## Problem requirements
Among the records that follow, find the line with "#49=ADVANCED_FACE('',(#43),#48,.F.);" and the line with "#67=CARTESIAN_POINT('',(9.941,4.734,3.839));". Set down those lines and all lines between them exactly, without adding anything.

## Exercise data
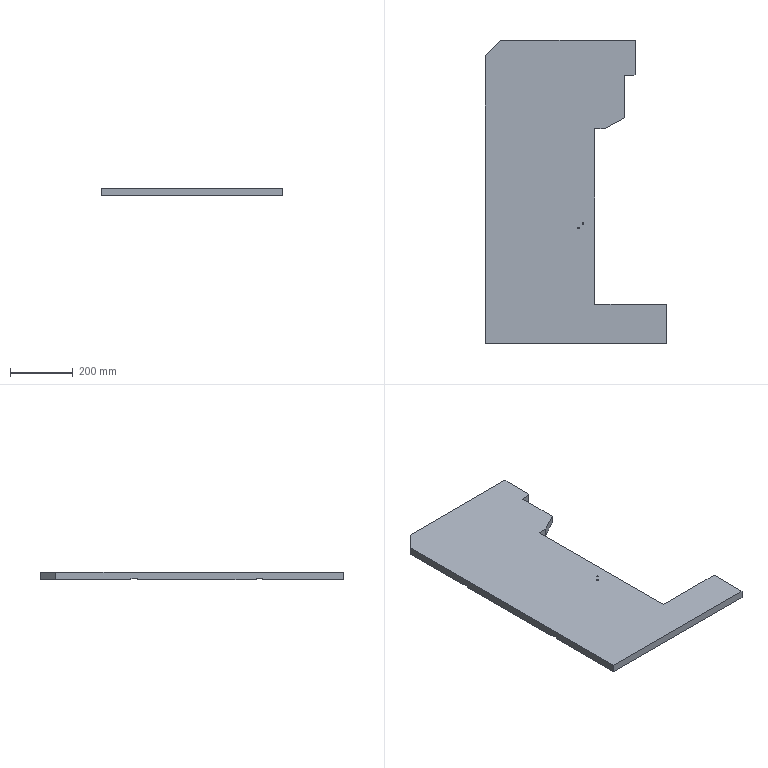Component | SolidWorks | 100-02-1 | 1 solid | 35 faces | box 580 x 970 x 25 mm | volume 9861709 mm3 | plane 23 | cylinder 8 | cone 4 | commonest cylinder face diameters 6.8 x4 5 x4 | material 45
build123d program:
from build123d import *

# Parameters (mm, degrees)
BOSS_EXTRUDE1_DEPTH   = 12.5
CHAMFER1_SIZE         = 5
M6_TAPPED_HOLE1_D     = 5
SKETCH6_W             = 350
SKETCH6_H             = 20
CUT_EXTRUDE1_DEPTH    = 4
LPATTERN1_COUNT       = 2
LPATTERN1_PITCH       = 400
M8_TAPPED_HOLE1_D     = 6.8
M8_TAPPED_HOLE1_DEPTH = 19.75
M8_TAPPED_HOLE1_TIP   = 2.043


with BuildPart() as part:
    # Sketch1 → Boss-Extrude1 (new, symmetric)
    with BuildSketch(Plane.XY):
        Polygon((580, 126), (350, 126), (350, 687), (380, 687), (445, 722), (445, 857), (479, 857), (479, 970), (50, 970), (0, 920), (0, 0), (580, 0), align=None)
    extrude(amount=BOSS_EXTRUDE1_DEPTH, both=True)

    # Chamfer1
    chamfer1_edges = [part.edges().sort_by_distance(p)[0] for p in [
        (479, 857, 0),
    ]]
    chamfer(chamfer1_edges, length=CHAMFER1_SIZE)

    # M6 Tapped Hole1 (through all)
    with Locations(Plane.XY.offset(12.5)):
        with Locations((298, 370), (312.142, 384.142)):
            Hole(M6_TAPPED_HOLE1_D / 2)

    # Sketch6 → Cut-Extrude1 (cut)
    with BuildSketch(Plane(origin=(0, 0, -12.5), x_dir=(-1, 0, 0), z_dir=(0, 0, -1))):
        with Locations((-175, 270)):
            Rectangle(SKETCH6_W, SKETCH6_H)
    cut_extrude1 = extrude(amount=-CUT_EXTRUDE1_DEPTH, mode=Mode.SUBTRACT)

    # LPattern1: Cut-Extrude1 ×2
    with Locations(*[(0, i * LPATTERN1_PITCH, 0) for i in range(1, LPATTERN1_COUNT)]):
        add(cut_extrude1, mode=Mode.SUBTRACT)

    # M8 Tapped Hole1
    with Locations(Plane(origin=(0, 126, 0), x_dir=(1, 0, 0), z_dir=(0, 1, 0))):
        with Locations((552.5, 0), (507.5, 0)):
            Hole(M8_TAPPED_HOLE1_D / 2, depth=M8_TAPPED_HOLE1_DEPTH)
            with Locations((0, 0, -(M8_TAPPED_HOLE1_DEPTH + M8_TAPPED_HOLE1_TIP / 2))):  # 118° drill point
                Cone(0, M8_TAPPED_HOLE1_D / 2, M8_TAPPED_HOLE1_TIP, mode=Mode.SUBTRACT)


solid = part.part

# Placed as in the assembly
solid = solid.moved(Location((-300, 14, 97.5), (0, 0, 0)))
STEP:
#1=COLOUR_RGB('',0.7922,0.8196,0.9333);
#2=FILL_AREA_STYLE_COLOUR('',#1);
#3=FILL_AREA_STYLE('',(#2));
#4=SURFACE_STYLE_FILL_AREA(#3);
#5=SURFACE_SIDE_STYLE('',(#4));
#6=SURFACE_STYLE_USAGE(.BOTH.,#5);
#7=PRESENTATION_STYLE_ASSIGNMENT((#6));
#8=CARTESIAN_POINT('',(9.941,4.734,3.705));
#9=VERTEX_POINT('',#8);
#10=CARTESIAN_POINT('',(9.941,4.734,3.972));
#11=VERTEX_POINT('',#10);
#12=CARTESIAN_POINT('',(9.941,4.734,3.839));
#13=DIRECTION('',(0.,1.,0.));
#14=DIRECTION('',(0.,0.,1.));
#15=AXIS2_PLACEMENT_3D('',#12,#13,#14);
#16=CIRCLE('',#15,0.1339);
#17=EDGE_CURVE('',#9,#11,#16,.T.);
#18=ORIENTED_EDGE('',*,*,#17,.F.);
#19=CARTESIAN_POINT('',(9.941,5.512,3.705));
#20=VERTEX_POINT('',#19);
#21=CARTESIAN_POINT('',(9.941,5.512,3.705));
#22=DIRECTION('',(0.,1.,0.));
#23=VECTOR('',#22,39.37);
#24=LINE('',#21,#23);
#25=EDGE_CURVE('',#9,#20,#24,.T.);
#26=ORIENTED_EDGE('',*,*,#25,.T.);
#27=CARTESIAN_POINT('',(9.941,5.512,3.972));
#28=VERTEX_POINT('',#27);
#29=CARTESIAN_POINT('',(9.941,5.512,3.839));
#30=DIRECTION('',(0.,1.,0.));
#31=DIRECTION('',(0.,0.,1.));
#32=AXIS2_PLACEMENT_3D('',#29,#30,#31);
#33=CIRCLE('',#32,0.1339);
#34=EDGE_CURVE('',#20,#28,#33,.T.);
#35=ORIENTED_EDGE('',*,*,#34,.T.);
#36=CARTESIAN_POINT('',(9.941,5.512,3.972));
#37=DIRECTION('',(0.,1.,0.));
#38=VECTOR('',#37,39.37);
#39=LINE('',#36,#38);
#40=EDGE_CURVE('',#11,#28,#39,.T.);
#41=ORIENTED_EDGE('',*,*,#40,.F.);
#42=EDGE_LOOP('',(#18,#26,#35,#41));
#43=FACE_OUTER_BOUND('',#42,.T.);
#44=CARTESIAN_POINT('',(9.941,5.512,3.839));
#45=DIRECTION('',(0.,1.,0.));
#46=DIRECTION('',(0.,0.,1.));
#47=AXIS2_PLACEMENT_3D('',#44,#45,#46);
#48=CYLINDRICAL_SURFACE('',#47,0.1339);
#49=ADVANCED_FACE('',(#43),#48,.F.);
#50=CARTESIAN_POINT('',(9.941,4.654,3.839));
#51=VERTEX_POINT('',#50);
#52=CARTESIAN_POINT('',(9.941,4.734,3.972));
#53=DIRECTION('',(0.,0.515,0.8572));
#54=VECTOR('',#53,39.37);
#55=LINE('',#52,#54);
#56=EDGE_CURVE('',#51,#11,#55,.T.);
#57=ORIENTED_EDGE('',*,*,#56,.F.);
#58=CARTESIAN_POINT('',(9.941,4.734,3.705));
#59=DIRECTION('',(0.,0.515,-0.8572));
#60=VECTOR('',#59,39.37);
#61=LINE('',#58,#60);
#62=EDGE_CURVE('',#51,#9,#61,.T.);
#63=ORIENTED_EDGE('',*,*,#62,.T.);
#64=ORIENTED_EDGE('',*,*,#17,.T.);
#65=EDGE_LOOP('',(#57,#63,#64));
#66=FACE_OUTER_BOUND('',#65,.T.);
#67=CARTESIAN_POINT('',(9.941,4.734,3.839));
#68=DIRECTION('',(0.,1.,0.));
#69=DIRECTION('',(0.,0.,1.));
#70=AXIS2_PLACEMENT_3D('',#67,#68,#69);
#71=CONICAL_SURFACE('',#70,0.1339,1.03);
#72=ADVANCED_FACE('',(#66),#71,.F.);
#73=CARTESIAN_POINT('',(8.169,4.734,3.705));
#74=VERTEX_POINT('',#73);
#75=CARTESIAN_POINT('',(8.169,4.734,3.972));
#76=VERTEX_POINT('',#75);
#77=CARTESIAN_POINT('',(8.169,4.734,3.839));
#78=DIRECTION('',(0.,1.,0.));
#79=DIRECTION('',(0.,0.,1.));
#80=AXIS2_PLACEMENT_3D('',#77,#78,#79);
#81=CIRCLE('',#80,0.1339);
#82=EDGE_CURVE('',#74,#76,#81,.T.);
#83=ORIENTED_EDGE('',*,*,#82,.F.);
#84=CARTESIAN_POINT('',(8.169,5.512,3.705));
#85=VERTEX_POINT('',#84);
#86=CARTESIAN_POINT('',(8.169,5.512,3.705));
#87=DIRECTION('',(0.,1.,0.));
#88=VECTOR('',#87,39.37);
#89=LINE('',#86,#88);
#90=EDGE_CURVE('',#74,#85,#89,.T.);
#91=ORIENTED_EDGE('',*,*,#90,.T.);
#92=CARTESIAN_POINT('',(8.169,5.512,3.972));
#93=VERTEX_POINT('',#92);
#94=CARTESIAN_POINT('',(8.169,5.512,3.839));
#95=DIRECTION('',(0.,1.,0.));
#96=DIRECTION('',(0.,0.,1.));
#97=AXIS2_PLACEMENT_3D('',#94,#95,#96);
#98=CIRCLE('',#97,0.1339);
#99=EDGE_CURVE('',#85,#93,#98,.T.);
#100=ORIENTED_EDGE('',*,*,#99,.T.);
#101=CARTESIAN_POINT('',(8.169,5.512,3.972));
#102=DIRECTION('',(0.,1.,0.));
#103=VECTOR('',#102,39.37);
#104=LINE('',#101,#103);
#105=EDGE_CURVE('',#76,#93,#104,.T.);
#106=ORIENTED_EDGE('',*,*,#105,.F.);
#107=EDGE_LOOP('',(#83,#91,#100,#106));
#108=FACE_OUTER_BOUND('',#107,.T.);
#109=CARTESIAN_POINT('',(8.169,5.512,3.839));
#110=DIRECTION('',(0.,1.,0.));
#111=DIRECTION('',(0.,0.,1.));
#112=AXIS2_PLACEMENT_3D('',#109,#110,#111);
#113=CYLINDRICAL_SURFACE('',#112,0.1339);
#114=ADVANCED_FACE('',(#108),#113,.F.);
#115=CARTESIAN_POINT('',(8.169,4.654,3.839));
#116=VERTEX_POINT('',#115);
#117=CARTESIAN_POINT('',(8.169,4.734,3.972));
#118=DIRECTION('',(0.,0.515,0.8572));
#119=VECTOR('',#118,39.37);
#120=LINE('',#117,#119);
#121=EDGE_CURVE('',#116,#76,#120,.T.);
#122=ORIENTED_EDGE('',*,*,#121,.F.);
#123=CARTESIAN_POINT('',(8.169,4.734,3.705));
#124=DIRECTION('',(0.,0.515,-0.8572));
#125=VECTOR('',#124,39.37);
#126=LINE('',#123,#125);
#127=EDGE_CURVE('',#116,#74,#126,.T.);
#128=ORIENTED_EDGE('',*,*,#127,.T.);
#129=ORIENTED_EDGE('',*,*,#82,.T.);
#130=EDGE_LOOP('',(#122,#128,#129));
#131=FACE_OUTER_BOUND('',#130,.T.);
#132=CARTESIAN_POINT('',(8.169,4.734,3.839));
#133=DIRECTION('',(0.,1.,0.));
#134=DIRECTION('',(0.,0.,1.));
#135=AXIS2_PLACEMENT_3D('',#132,#133,#134);
#136=CONICAL_SURFACE('',#135,0.1339,1.03);
#137=ADVANCED_FACE('',(#131),#136,.F.);
#138=CARTESIAN_POINT('',(-0.1772,15.118,3.346));
#139=VERTEX_POINT('',#138);
#140=CARTESIAN_POINT('',(0.01969,15.118,3.346));
#141=VERTEX_POINT('',#140);
#142=CARTESIAN_POINT('',(-0.07874,15.118,3.346));
#143=DIRECTION('',(0.,0.,1.));
#144=DIRECTION('',(1.,0.,0.));
#145=AXIS2_PLACEMENT_3D('',#142,#143,#144);
#146=CIRCLE('',#145,0.09843);
#147=EDGE_CURVE('',#139,#141,#146,.T.);
#148=ORIENTED_EDGE('',*,*,#147,.F.);
#149=CARTESIAN_POINT('',(-0.1772,15.118,4.331));
#150=VERTEX_POINT('',#149);
#151=CARTESIAN_POINT('',(-0.1772,15.118,4.331));
#152=DIRECTION('',(0.,0.,1.));
#153=VECTOR('',#152,39.37);
#154=LINE('',#151,#153);
#155=EDGE_CURVE('',#139,#150,#154,.T.);
#156=ORIENTED_EDGE('',*,*,#155,.T.);
#157=CARTESIAN_POINT('',(0.01969,15.118,4.331));
#158=VERTEX_POINT('',#157);
#159=CARTESIAN_POINT('',(-0.07874,15.118,4.331));
#160=DIRECTION('',(0.,0.,1.));
#161=DIRECTION('',(1.,0.,0.));
#162=AXIS2_PLACEMENT_3D('',#159,#160,#161);
#163=CIRCLE('',#162,0.09843);
#164=EDGE_CURVE('',#150,#158,#163,.T.);
#165=ORIENTED_EDGE('',*,*,#164,.T.);
#166=CARTESIAN_POINT('',(0.01969,15.118,4.331));
#167=DIRECTION('',(0.,0.,1.));
#168=VECTOR('',#167,39.37);
#169=LINE('',#166,#168);
#170=EDGE_CURVE('',#141,#158,#169,.T.);
#171=ORIENTED_EDGE('',*,*,#170,.F.);
#172=EDGE_LOOP('',(#148,#156,#165,#171));
#173=FACE_OUTER_BOUND('',#172,.T.);
#174=CARTESIAN_POINT('',(-0.07874,15.118,4.331));
#175=DIRECTION('',(0.,0.,1.));
#176=DIRECTION('',(1.,0.,0.));
#177=AXIS2_PLACEMENT_3D('',#174,#175,#176);
#178=CYLINDRICAL_SURFACE('',#177,0.09843);
#179=ADVANCED_FACE('',(#173),#178,.F.);
#180=CARTESIAN_POINT('',(0.3796,15.675,3.346));
#181=VERTEX_POINT('',#180);
#182=CARTESIAN_POINT('',(0.5765,15.675,3.346));
#183=VERTEX_POINT('',#182);
#184=CARTESIAN_POINT('',(0.478,15.675,3.346));
#185=DIRECTION('',(0.,0.,1.));
#186=DIRECTION('',(1.,0.,0.));
#187=AXIS2_PLACEMENT_3D('',#184,#185,#186);
#188=CIRCLE('',#187,0.09843);
#189=EDGE_CURVE('',#181,#183,#188,.T.);
#190=ORIENTED_EDGE('',*,*,#189,.F.);
#191=CARTESIAN_POINT('',(0.3796,15.675,4.331));
#192=VERTEX_POINT('',#191);
#193=CARTESIAN_POINT('',(0.3796,15.675,4.331));
#194=DIRECTION('',(0.,0.,1.));
#195=VECTOR('',#194,39.37);
#196=LINE('',#193,#195);
#197=EDGE_CURVE('',#181,#192,#196,.T.);
#198=ORIENTED_EDGE('',*,*,#197,.T.);
#199=CARTESIAN_POINT('',(0.5765,15.675,4.331));
#200=VERTEX_POINT('',#199);
#201=CARTESIAN_POINT('',(0.478,15.675,4.331));
#202=DIRECTION('',(0.,0.,1.));
#203=DIRECTION('',(1.,0.,0.));
#204=AXIS2_PLACEMENT_3D('',#201,#202,#203);
#205=CIRCLE('',#204,0.09843);
#206=EDGE_CURVE('',#192,#200,#205,.T.);
#207=ORIENTED_EDGE('',*,*,#206,.T.);
#208=CARTESIAN_POINT('',(0.5765,15.675,4.331));
#209=DIRECTION('',(0.,0.,1.));
#210=VECTOR('',#209,39.37);
#211=LINE('',#208,#210);
#212=EDGE_CURVE('',#183,#200,#211,.T.);
#213=ORIENTED_EDGE('',*,*,#212,.F.);
#214=EDGE_LOOP('',(#190,#198,#207,#213));
#215=FACE_OUTER_BOUND('',#214,.T.);
#216=CARTESIAN_POINT('',(0.478,15.675,4.331));
#217=DIRECTION('',(0.,0.,1.));
#218=DIRECTION('',(1.,0.,0.));
#219=AXIS2_PLACEMENT_3D('',#216,#217,#218);
#220=CYLINDRICAL_SURFACE('',#219,0.09843);
#221=ADVANCED_FACE('',(#215),#220,.F.);
#222=CARTESIAN_POINT('',(1.969,26.535,3.346));
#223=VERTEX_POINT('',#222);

## The completed task
#49=ADVANCED_FACE('',(#43),#48,.F.);
#50=CARTESIAN_POINT('',(9.941,4.654,3.839));
#51=VERTEX_POINT('',#50);
#52=CARTESIAN_POINT('',(9.941,4.734,3.972));
#53=DIRECTION('',(0.,0.515,0.8572));
#54=VECTOR('',#53,39.37);
#55=LINE('',#52,#54);
#56=EDGE_CURVE('',#51,#11,#55,.T.);
#57=ORIENTED_EDGE('',*,*,#56,.F.);
#58=CARTESIAN_POINT('',(9.941,4.734,3.705));
#59=DIRECTION('',(0.,0.515,-0.8572));
#60=VECTOR('',#59,39.37);
#61=LINE('',#58,#60);
#62=EDGE_CURVE('',#51,#9,#61,.T.);
#63=ORIENTED_EDGE('',*,*,#62,.T.);
#64=ORIENTED_EDGE('',*,*,#17,.T.);
#65=EDGE_LOOP('',(#57,#63,#64));
#66=FACE_OUTER_BOUND('',#65,.T.);
#67=CARTESIAN_POINT('',(9.941,4.734,3.839));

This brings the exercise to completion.